[Opening Given data section]

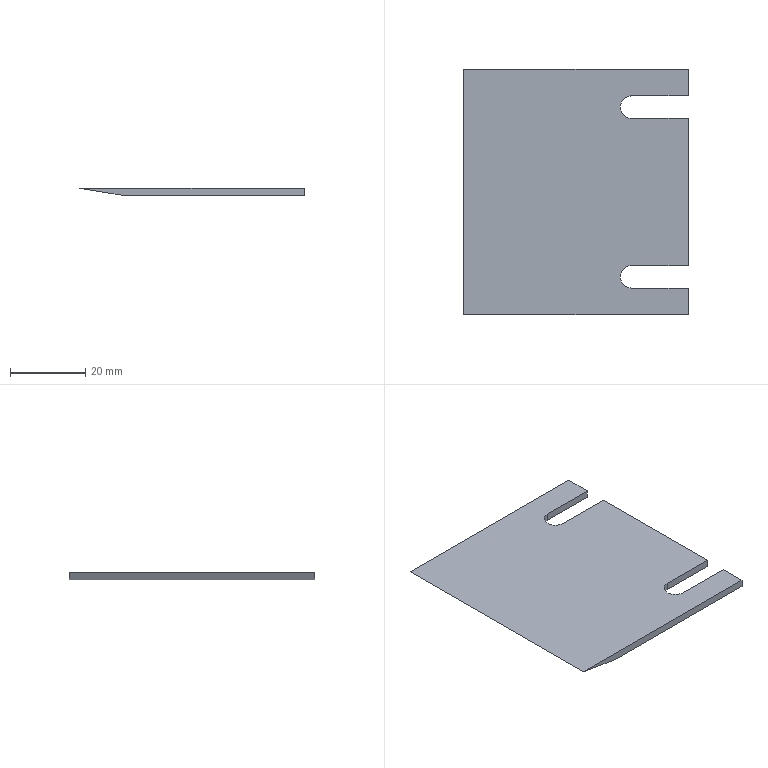Component | SolidWorks | CuttingBladeModification-1 | 1 solid | 14 faces | box 59.5 x 65 x 2 mm | volume 6538 mm3 | plane 12 | cylinder 2 | commonest cylinder face diameters 6 x2
build123d program:
from build123d import *

# Parameters (mm, degrees)
BOSS_EXTRUDE1_DEPTH = 32.5
CUT_EXTRUDE1_DEPTH  = 10


with BuildPart() as part:
    # Sketch1 → Boss-Extrude1 (new, symmetric)
    with BuildSketch(Plane.XY):
        Polygon((-1, 59.5), (1, 59.5), (1, 0), (-1, 12), align=None)
    extrude(amount=BOSS_EXTRUDE1_DEPTH, both=True)

    # Sketch2 → Cut-Extrude1 (cut)
    with BuildSketch(Plane.ZY.offset(1)):
        with BuildLine():
            Line((-25.5, 44.5), (-25.5, 62.94))
            Line((-25.5, 62.94), (-19.5, 62.94))
            Line((-19.5, 62.94), (-19.5, 44.5))
            ThreePointArc((-19.5, 44.5), (-22.5, 41.5), (-25.5, 44.5))
        make_face()
        with BuildLine():
            Line((19.5, 44.5), (19.5, 62.94))
            Line((19.5, 62.94), (25.5, 62.94))
            Line((25.5, 62.94), (25.5, 44.5))
            ThreePointArc((25.5, 44.5), (22.5, 41.5), (19.5, 44.5))
        make_face()
    extrude(amount=-CUT_EXTRUDE1_DEPTH, mode=Mode.SUBTRACT)


solid = part.part

# Placed as in the assembly
solid = solid.moved(Location((-464.272, -281.766, 895.2), (-90, 0, -90)))
STEP:
#1=COLOUR_RGB('',0.7922,0.8196,0.9333);
#2=FILL_AREA_STYLE_COLOUR('',#1);
#3=FILL_AREA_STYLE('',(#2));
#4=SURFACE_STYLE_FILL_AREA(#3);
#5=SURFACE_SIDE_STYLE('',(#4));
#6=SURFACE_STYLE_USAGE(.BOTH.,#5);
#7=PRESENTATION_STYLE_ASSIGNMENT((#6));
#8=CARTESIAN_POINT('',(-15.936,-12.097,35.205));
#9=VERTEX_POINT('',#8);
#10=CARTESIAN_POINT('',(-15.936,-12.373,35.205));
#11=VERTEX_POINT('',#10);
#12=CARTESIAN_POINT('',(-15.936,-9.814,35.205));
#13=DIRECTION('',(0.,-1.,-0.));
#14=VECTOR('',#13,39.37);
#15=LINE('',#12,#14);
#16=EDGE_CURVE('',#9,#11,#15,.T.);
#17=ORIENTED_EDGE('',*,*,#16,.F.);
#18=CARTESIAN_POINT('',(-15.936,-12.097,35.283));
#19=VERTEX_POINT('',#18);
#20=CARTESIAN_POINT('',(-15.936,-12.097,35.205));
#21=DIRECTION('',(-0.,-0.,1.));
#22=VECTOR('',#21,39.37);
#23=LINE('',#20,#22);
#24=EDGE_CURVE('',#9,#19,#23,.T.);
#25=ORIENTED_EDGE('',*,*,#24,.T.);
#26=CARTESIAN_POINT('',(-15.936,-12.373,35.283));
#27=VERTEX_POINT('',#26);
#28=CARTESIAN_POINT('',(-15.936,-9.814,35.283));
#29=DIRECTION('',(0.,-1.,-0.));
#30=VECTOR('',#29,39.37);
#31=LINE('',#28,#30);
#32=EDGE_CURVE('',#19,#27,#31,.T.);
#33=ORIENTED_EDGE('',*,*,#32,.T.);
#34=CARTESIAN_POINT('',(-15.936,-12.373,35.205));
#35=DIRECTION('',(0.,0.,-1.));
#36=VECTOR('',#35,39.37);
#37=LINE('',#34,#36);
#38=EDGE_CURVE('',#27,#11,#37,.T.);
#39=ORIENTED_EDGE('',*,*,#38,.T.);
#40=EDGE_LOOP('',(#17,#25,#33,#39));
#41=FACE_OUTER_BOUND('',#40,.T.);
#42=CARTESIAN_POINT('',(-15.936,-9.814,35.205));
#43=DIRECTION('',(-1.,-0.,-0.));
#44=DIRECTION('',(0.,-1.,-0.));
#45=AXIS2_PLACEMENT_3D('',#42,#43,#44);
#46=PLANE('',#45);
#47=ADVANCED_FACE('',(#41),#46,.F.);
#48=CARTESIAN_POINT('',(-15.936,-9.814,35.283));
#49=VERTEX_POINT('',#48);
#50=CARTESIAN_POINT('',(-15.936,-10.089,35.283));
#51=VERTEX_POINT('',#50);
#52=CARTESIAN_POINT('',(-15.936,-9.814,35.283));
#53=DIRECTION('',(0.,-1.,-0.));
#54=VECTOR('',#53,39.37);
#55=LINE('',#52,#54);
#56=EDGE_CURVE('',#49,#51,#55,.T.);
#57=ORIENTED_EDGE('',*,*,#56,.T.);
#58=CARTESIAN_POINT('',(-15.936,-10.089,35.205));
#59=VERTEX_POINT('',#58);
#60=CARTESIAN_POINT('',(-15.936,-10.089,35.205));
#61=DIRECTION('',(0.,0.,-1.));
#62=VECTOR('',#61,39.37);
#63=LINE('',#60,#62);
#64=EDGE_CURVE('',#51,#59,#63,.T.);
#65=ORIENTED_EDGE('',*,*,#64,.T.);
#66=CARTESIAN_POINT('',(-15.936,-9.814,35.205));
#67=VERTEX_POINT('',#66);
#68=CARTESIAN_POINT('',(-15.936,-9.814,35.205));
#69=DIRECTION('',(0.,-1.,-0.));
#70=VECTOR('',#69,39.37);
#71=LINE('',#68,#70);
#72=EDGE_CURVE('',#67,#59,#71,.T.);
#73=ORIENTED_EDGE('',*,*,#72,.F.);
#74=CARTESIAN_POINT('',(-15.936,-9.814,35.205));
#75=DIRECTION('',(0.,0.,-1.));
#76=VECTOR('',#75,39.37);
#77=LINE('',#74,#76);
#78=EDGE_CURVE('',#49,#67,#77,.T.);
#79=ORIENTED_EDGE('',*,*,#78,.F.);
#80=EDGE_LOOP('',(#57,#65,#73,#79));
#81=FACE_OUTER_BOUND('',#80,.T.);
#82=CARTESIAN_POINT('',(-15.936,-9.814,35.205));
#83=DIRECTION('',(-1.,-0.,-0.));
#84=DIRECTION('',(0.,-1.,-0.));
#85=AXIS2_PLACEMENT_3D('',#82,#83,#84);
#86=PLANE('',#85);
#87=ADVANCED_FACE('',(#81),#86,.F.);
#88=CARTESIAN_POINT('',(-16.526,-12.097,35.205));
#89=VERTEX_POINT('',#88);
#90=CARTESIAN_POINT('',(-16.526,-11.861,35.205));
#91=VERTEX_POINT('',#90);
#92=CARTESIAN_POINT('',(-16.526,-11.979,35.205));
#93=DIRECTION('',(0.,0.,-1.));
#94=DIRECTION('',(0.,1.,0.));
#95=AXIS2_PLACEMENT_3D('',#92,#93,#94);
#96=CIRCLE('',#95,0.1181);
#97=EDGE_CURVE('',#89,#91,#96,.T.);
#98=ORIENTED_EDGE('',*,*,#97,.F.);
#99=CARTESIAN_POINT('',(-16.526,-12.097,35.205));
#100=DIRECTION('',(-1.,-0.,-0.));
#101=VECTOR('',#100,39.37);
#102=LINE('',#99,#101);
#103=EDGE_CURVE('',#9,#89,#102,.T.);
#104=ORIENTED_EDGE('',*,*,#103,.F.);
#105=ORIENTED_EDGE('',*,*,#16,.T.);
#106=CARTESIAN_POINT('',(-17.806,-12.373,35.205));
#107=VERTEX_POINT('',#106);
#108=CARTESIAN_POINT('',(-15.936,-12.373,35.205));
#109=DIRECTION('',(-1.,-0.,-0.));
#110=VECTOR('',#109,39.37);
#111=LINE('',#108,#110);
#112=EDGE_CURVE('',#11,#107,#111,.T.);
#113=ORIENTED_EDGE('',*,*,#112,.T.);
#114=CARTESIAN_POINT('',(-17.806,-9.814,35.205));
#115=VERTEX_POINT('',#114);
#116=CARTESIAN_POINT('',(-17.806,-9.814,35.205));
#117=DIRECTION('',(0.,-1.,-0.));
#118=VECTOR('',#117,39.37);
#119=LINE('',#116,#118);
#120=EDGE_CURVE('',#115,#107,#119,.T.);
#121=ORIENTED_EDGE('',*,*,#120,.F.);
#122=CARTESIAN_POINT('',(-15.936,-9.814,35.205));
#123=DIRECTION('',(-1.,-0.,-0.));
#124=VECTOR('',#123,39.37);
#125=LINE('',#122,#124);
#126=EDGE_CURVE('',#67,#115,#125,.T.);
#127=ORIENTED_EDGE('',*,*,#126,.F.);
#128=ORIENTED_EDGE('',*,*,#72,.T.);
#129=CARTESIAN_POINT('',(-16.526,-10.089,35.205));
#130=VERTEX_POINT('',#129);
#131=CARTESIAN_POINT('',(-16.526,-10.089,35.205));
#132=DIRECTION('',(1.,0.,0.));
#133=VECTOR('',#132,39.37);
#134=LINE('',#131,#133);
#135=EDGE_CURVE('',#130,#59,#134,.T.);
#136=ORIENTED_EDGE('',*,*,#135,.F.);
#137=CARTESIAN_POINT('',(-16.526,-10.325,35.205));
#138=VERTEX_POINT('',#137);
#139=CARTESIAN_POINT('',(-16.526,-10.207,35.205));
#140=DIRECTION('',(0.,0.,-1.));
#141=DIRECTION('',(0.,1.,0.));
#142=AXIS2_PLACEMENT_3D('',#139,#140,#141);
#143=CIRCLE('',#142,0.1181);
#144=EDGE_CURVE('',#138,#130,#143,.T.);
#145=ORIENTED_EDGE('',*,*,#144,.F.);
#146=CARTESIAN_POINT('',(-15.936,-10.325,35.205));
#147=VERTEX_POINT('',#146);
#148=CARTESIAN_POINT('',(-16.526,-10.325,35.205));
#149=DIRECTION('',(-1.,-0.,-0.));
#150=VECTOR('',#149,39.37);
#151=LINE('',#148,#150);
#152=EDGE_CURVE('',#147,#138,#151,.T.);
#153=ORIENTED_EDGE('',*,*,#152,.F.);
#154=CARTESIAN_POINT('',(-15.936,-11.861,35.205));
#155=VERTEX_POINT('',#154);
#156=CARTESIAN_POINT('',(-15.936,-9.814,35.205));
#157=DIRECTION('',(0.,-1.,-0.));
#158=VECTOR('',#157,39.37);
#159=LINE('',#156,#158);
#160=EDGE_CURVE('',#147,#155,#159,.T.);
#161=ORIENTED_EDGE('',*,*,#160,.T.);
#162=CARTESIAN_POINT('',(-16.526,-11.861,35.205));
#163=DIRECTION('',(1.,0.,0.));
#164=VECTOR('',#163,39.37);
#165=LINE('',#162,#164);
#166=EDGE_CURVE('',#91,#155,#165,.T.);
#167=ORIENTED_EDGE('',*,*,#166,.F.);
#168=EDGE_LOOP('',(#98,#104,#105,#113,#121,#127,#128,#136,#145,#153,#161,#167));
#169=FACE_OUTER_BOUND('',#168,.T.);
#170=CARTESIAN_POINT('',(-15.936,-9.814,35.205));
#171=DIRECTION('',(-0.,-0.,1.));
#172=DIRECTION('',(1.,0.,0.));
#173=AXIS2_PLACEMENT_3D('',#170,#171,#172);
#174=PLANE('',#173);
#175=ADVANCED_FACE('',(#169),#174,.F.);
#176=CARTESIAN_POINT('',(-18.278,-12.373,35.283));
#177=VERTEX_POINT('',#176);
#178=CARTESIAN_POINT('',(-17.806,-12.373,35.205));
#179=DIRECTION('',(-0.9864,-0.,0.1644));
#180=VECTOR('',#179,39.37);
#181=LINE('',#178,#180);
#182=EDGE_CURVE('',#107,#177,#181,.T.);
#183=ORIENTED_EDGE('',*,*,#182,.T.);
#184=CARTESIAN_POINT('',(-18.278,-9.814,35.283));
#185=VERTEX_POINT('',#184);
#186=CARTESIAN_POINT('',(-18.278,-9.814,35.283));
#187=DIRECTION('',(0.,-1.,-0.));
#188=VECTOR('',#187,39.37);
#189=LINE('',#186,#188);
#190=EDGE_CURVE('',#185,#177,#189,.T.);
#191=ORIENTED_EDGE('',*,*,#190,.F.);
#192=CARTESIAN_POINT('',(-17.806,-9.814,35.205));
#193=DIRECTION('',(-0.9864,-0.,0.1644));
#194=VECTOR('',#193,39.37);
#195=LINE('',#192,#194);
#196=EDGE_CURVE('',#115,#185,#195,.T.);
#197=ORIENTED_EDGE('',*,*,#196,.F.);
#198=ORIENTED_EDGE('',*,*,#120,.T.);
#199=EDGE_LOOP('',(#183,#191,#197,#198));
#200=FACE_OUTER_BOUND('',#199,.T.);
#201=CARTESIAN_POINT('',(-17.806,-9.814,35.205));
#202=DIRECTION('',(0.1644,-0.,0.9864));
#203=DIRECTION('',(0.9864,0.,-0.1644));
#204=AXIS2_PLACEMENT_3D('',#201,#202,#203);
#205=PLANE('',#204);
#206=ADVANCED_FACE('',(#200),#205,.F.);
#207=ORIENTED_EDGE('',*,*,#32,.F.);
#208=CARTESIAN_POINT('',(-16.526,-12.097,35.283));
#209=VERTEX_POINT('',#208);
#210=CARTESIAN_POINT('',(-15.936,-12.097,35.283));
#211=DIRECTION('',(-1.,-0.,-0.));
#212=VECTOR('',#211,39.37);
#213=LINE('',#210,#212);
#214=EDGE_CURVE('',#19,#209,#213,.T.);
#215=ORIENTED_EDGE('',*,*,#214,.T.);
#216=CARTESIAN_POINT('',(-16.526,-11.861,35.283));
#217=VERTEX_POINT('',#216);
#218=CARTESIAN_POINT('',(-16.526,-11.979,35.283));
#219=DIRECTION('',(0.,0.,-1.));
#220=DIRECTION('',(-1.,0.,0.));
#221=AXIS2_PLACEMENT_3D('',#218,#219,#220);
#222=CIRCLE('',#221,0.1181);
#223=EDGE_CURVE('',#209,#217,#222,.T.);
#224=ORIENTED_EDGE('',*,*,#223,.T.);
#225=CARTESIAN_POINT('',(-15.936,-11.861,35.283));
#226=VERTEX_POINT('',#225);
#227=CARTESIAN_POINT('',(-15.936,-11.861,35.283));
#228=DIRECTION('',(1.,0.,0.));
#229=VECTOR('',#228,39.37);
#230=LINE('',#227,#229);
#231=EDGE_CURVE('',#217,#226,#230,.T.);
#232=ORIENTED_EDGE('',*,*,#231,.T.);
#233=CARTESIAN_POINT('',(-15.936,-10.325,35.283));
#234=VERTEX_POINT('',#233);
#235=CARTESIAN_POINT('',(-15.936,-9.814,35.283));
#236=DIRECTION('',(0.,-1.,-0.));
#237=VECTOR('',#236,39.37);
#238=LINE('',#235,#237);
#239=EDGE_CURVE('',#234,#226,#238,.T.);
#240=ORIENTED_EDGE('',*,*,#239,.F.);
#241=CARTESIAN_POINT('',(-16.526,-10.325,35.283));
#242=VERTEX_POINT('',#241);
#243=CARTESIAN_POINT('',(-15.936,-10.325,35.283));
#244=DIRECTION('',(-1.,-0.,-0.));
#245=VECTOR('',#244,39.37);
#246=LINE('',#243,#245);
#247=EDGE_CURVE('',#234,#242,#246,.T.);
#248=ORIENTED_EDGE('',*,*,#247,.T.);
#249=CARTESIAN_POINT('',(-16.526,-10.089,35.283));
#250=VERTEX_POINT('',#249);
#251=CARTESIAN_POINT('',(-16.526,-10.207,35.283));
#252=DIRECTION('',(0.,0.,-1.));
#253=DIRECTION('',(-1.,0.,0.));
#254=AXIS2_PLACEMENT_3D('',#251,#252,#253);
#255=CIRCLE('',#254,0.1181);
#256=EDGE_CURVE('',#242,#250,#255,.T.);
#257=ORIENTED_EDGE('',*,*,#256,.T.);
#258=CARTESIAN_POINT('',(-15.936,-10.089,35.283));
#259=DIRECTION('',(1.,0.,0.));
#260=VECTOR('',#259,39.37);
#261=LINE('',#258,#260);
#262=EDGE_CURVE('',#250,#51,#261,.T.);
#263=ORIENTED_EDGE('',*,*,#262,.T.);
#264=ORIENTED_EDGE('',*,*,#56,.F.);
#265=CARTESIAN_POINT('',(-15.936,-9.814,35.283));
#266=DIRECTION('',(1.,0.,0.));
#267=VECTOR('',#266,39.37);
#268=LINE('',#265,#267);
#269=EDGE_CURVE('',#185,#49,#268,.T.);
#270=ORIENTED_EDGE('',*,*,#269,.F.);
#271=ORIENTED_EDGE('',*,*,#190,.T.);
#272=CARTESIAN_POINT('',(-15.936,-12.373,35.283));
#273=DIRECTION('',(1.,0.,0.));
#274=VECTOR('',#273,39.37);
#275=LINE('',#272,#274);
#276=EDGE_CURVE('',#177,#27,#275,.T.);
#277=ORIENTED_EDGE('',*,*,#276,.T.);
#278=EDGE_LOOP('',(#207,#215,#224,#232,#240,#248,#257,#263,#264,#270,#271,#277));
#279=FACE_OUTER_BOUND('',#278,.T.);
#280=CARTESIAN_POINT('',(-15.936,-9.814,35.283));
#281=DIRECTION('',(0.,0.,-1.));
#282=DIRECTION('',(-1.,-0.,-0.));
#283=AXIS2_PLACEMENT_3D('',#280,#281,#282);
#284=PLANE('',#283);
#285=ADVANCED_FACE('',(#279),#284,.F.);
#286=ORIENTED_EDGE('',*,*,#239,.T.);
#287=CARTESIAN_POINT('',(-15.936,-11.861,35.205));
#288=DIRECTION('',(0.,0.,-1.));
#289=VECTOR('',#288,39.37);
#290=LINE('',#287,#289);
#291=EDGE_CURVE('',#226,#155,#290,.T.);
#292=ORIENTED_EDGE('',*,*,#291,.T.);
#293=ORIENTED_EDGE('',*,*,#160,.F.);
#294=CARTESIAN_POINT('',(-15.936,-10.325,35.205));
#295=DIRECTION('',(-0.,-0.,1.));
#296=VECTOR('',#295,39.37);
#297=LINE('',#294,#296);
#298=EDGE_CURVE('',#147,#234,#297,.T.);
#299=ORIENTED_EDGE('',*,*,#298,.T.);
#300=EDGE_LOOP('',(#286,#292,#293,#299));
#301=FACE_OUTER_BOUND('',#300,.T.);
#302=CARTESIAN_POINT('',(-15.936,-9.814,35.205));
#303=DIRECTION('',(-1.,-0.,-0.));
#304=DIRECTION('',(0.,-1.,-0.));
#305=AXIS2_PLACEMENT_3D('',#302,#303,#304);
#306=PLANE('',#305);
#307=ADVANCED_FACE('',(#301),#306,.F.);
#308=ORIENTED_EDGE('',*,*,#126,.T.);
#309=ORIENTED_EDGE('',*,*,#196,.T.);
#310=ORIENTED_EDGE('',*,*,#269,.T.);
#311=ORIENTED_EDGE('',*,*,#78,.T.);
#312=EDGE_LOOP('',(#308,#309,#310,#311));
#313=FACE_OUTER_BOUND('',#312,.T.);
#314=CARTESIAN_POINT('',(-18.278,-9.814,35.244));
#315=DIRECTION('',(-0.,1.,0.));
#316=DIRECTION('',(-0.,-0.,1.));
#317=AXIS2_PLACEMENT_3D('',#314,#315,#316);
#318=PLANE('',#317);
#319=ADVANCED_FACE('',(#313),#318,.T.);
#320=ORIENTED_EDGE('',*,*,#112,.F.);
#321=ORIENTED_EDGE('',*,*,#38,.F.);
#322=ORIENTED_EDGE('',*,*,#276,.F.);
#323=ORIENTED_EDGE('',*,*,#182,.F.);
#324=EDGE_LOOP('',(#320,#321,#322,#323));
#325=FACE_OUTER_BOUND('',#324,.T.);
#326=CARTESIAN_POINT('',(-18.278,-12.373,35.244));
#327=DIRECTION('',(-0.,1.,0.));
#328=DIRECTION('',(-0.,-0.,1.));
#329=AXIS2_PLACEMENT_3D('',#326,#327,#328);
#330=PLANE('',#329);
#331=ADVANCED_FACE('',(#325),#330,.F.);
#332=CARTESIAN_POINT('',(-16.526,-10.325,35.598));
#333=DIRECTION('',(0.,0.,-1.));
#334=VECTOR('',#333,39.37);
#335=LINE('',#332,#334);
#336=EDGE_CURVE('',#242,#138,#335,.T.);
#337=ORIENTED_EDGE('',*,*,#336,.T.);
#338=ORIENTED_EDGE('',*,*,#144,.T.);
#339=CARTESIAN_POINT('',(-16.526,-10.089,35.598));
#340=DIRECTION('',(0.,0.,-1.));
#341=VECTOR('',#340,39.37);
#342=LINE('',#339,#341);
#343=EDGE_CURVE('',#250,#130,#342,.T.);
#344=ORIENTED_EDGE('',*,*,#343,.F.);
#345=ORIENTED_EDGE('',*,*,#256,.F.);
#346=EDGE_LOOP('',(#337,#338,#344,#345));
#347=FACE_OUTER_BOUND('',#346,.T.);
#348=CARTESIAN_POINT('',(-16.526,-10.207,35.598));
#349=DIRECTION('',(0.,0.,-1.));
#350=DIRECTION('',(0.,1.,0.));
#351=AXIS2_PLACEMENT_3D('',#348,#349,#350);
#352=CYLINDRICAL_SURFACE('',#351,0.1181);
#353=ADVANCED_FACE('',(#347),#352,.F.);
#354=ORIENTED_EDGE('',*,*,#343,.T.);
#355=ORIENTED_EDGE('',*,*,#135,.T.);
#356=ORIENTED_EDGE('',*,*,#64,.F.);
#357=ORIENTED_EDGE('',*,*,#262,.F.);
#358=EDGE_LOOP('',(#354,#355,#356,#357));
#359=FACE_OUTER_BOUND('',#358,.T.);
#360=CARTESIAN_POINT('',(-16.526,-10.089,35.598));
#361=DIRECTION('',(-0.,1.,0.));
#362=DIRECTION('',(-0.,-0.,1.));
#363=AXIS2_PLACEMENT_3D('',#360,#361,#362);
#364=PLANE('',#363);
#365=ADVANCED_FACE('',(#359),#364,.F.);
#366=ORIENTED_EDGE('',*,*,#298,.F.);
#367=ORIENTED_EDGE('',*,*,#152,.T.);
#368=ORIENTED_EDGE('',*,*,#336,.F.);
#369=ORIENTED_EDGE('',*,*,#247,.F.);
#370=EDGE_LOOP('',(#366,#367,#368,#369));
#371=FACE_OUTER_BOUND('',#370,.T.);
#372=CARTESIAN_POINT('',(-16.526,-10.325,35.598));
#373=DIRECTION('',(0.,-1.,-0.));
#374=DIRECTION('',(0.,0.,-1.));
#375=AXIS2_PLACEMENT_3D('',#372,#373,#374);
#376=PLANE('',#375);
#377=ADVANCED_FACE('',(#371),#376,.F.);
#378=CARTESIAN_POINT('',(-16.526,-12.097,35.598));
#379=DIRECTION('',(0.,0.,-1.));
#380=VECTOR('',#379,39.37);
#381=LINE('',#378,#380);
#382=EDGE_CURVE('',#209,#89,#381,.T.);
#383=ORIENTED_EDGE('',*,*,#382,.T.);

[Closing Given data section]

From the listing above, repeat exactly the lines starting at the line that includes "#192=CARTESIAN_POINT('',(-17.806,-9.814,35.205));" and ending at the line that includes "#201=CARTESIAN_POINT('',(-17.806,-9.814,35.205));", with nothing outside that span.

• **Solution to the exercise**
#192=CARTESIAN_POINT('',(-17.806,-9.814,35.205));
#193=DIRECTION('',(-0.9864,-0.,0.1644));
#194=VECTOR('',#193,39.37);
#195=LINE('',#192,#194);
#196=EDGE_CURVE('',#115,#185,#195,.T.);
#197=ORIENTED_EDGE('',*,*,#196,.F.);
#198=ORIENTED_EDGE('',*,*,#120,.T.);
#199=EDGE_LOOP('',(#183,#191,#197,#198));
#200=FACE_OUTER_BOUND('',#199,.T.);
#201=CARTESIAN_POINT('',(-17.806,-9.814,35.205));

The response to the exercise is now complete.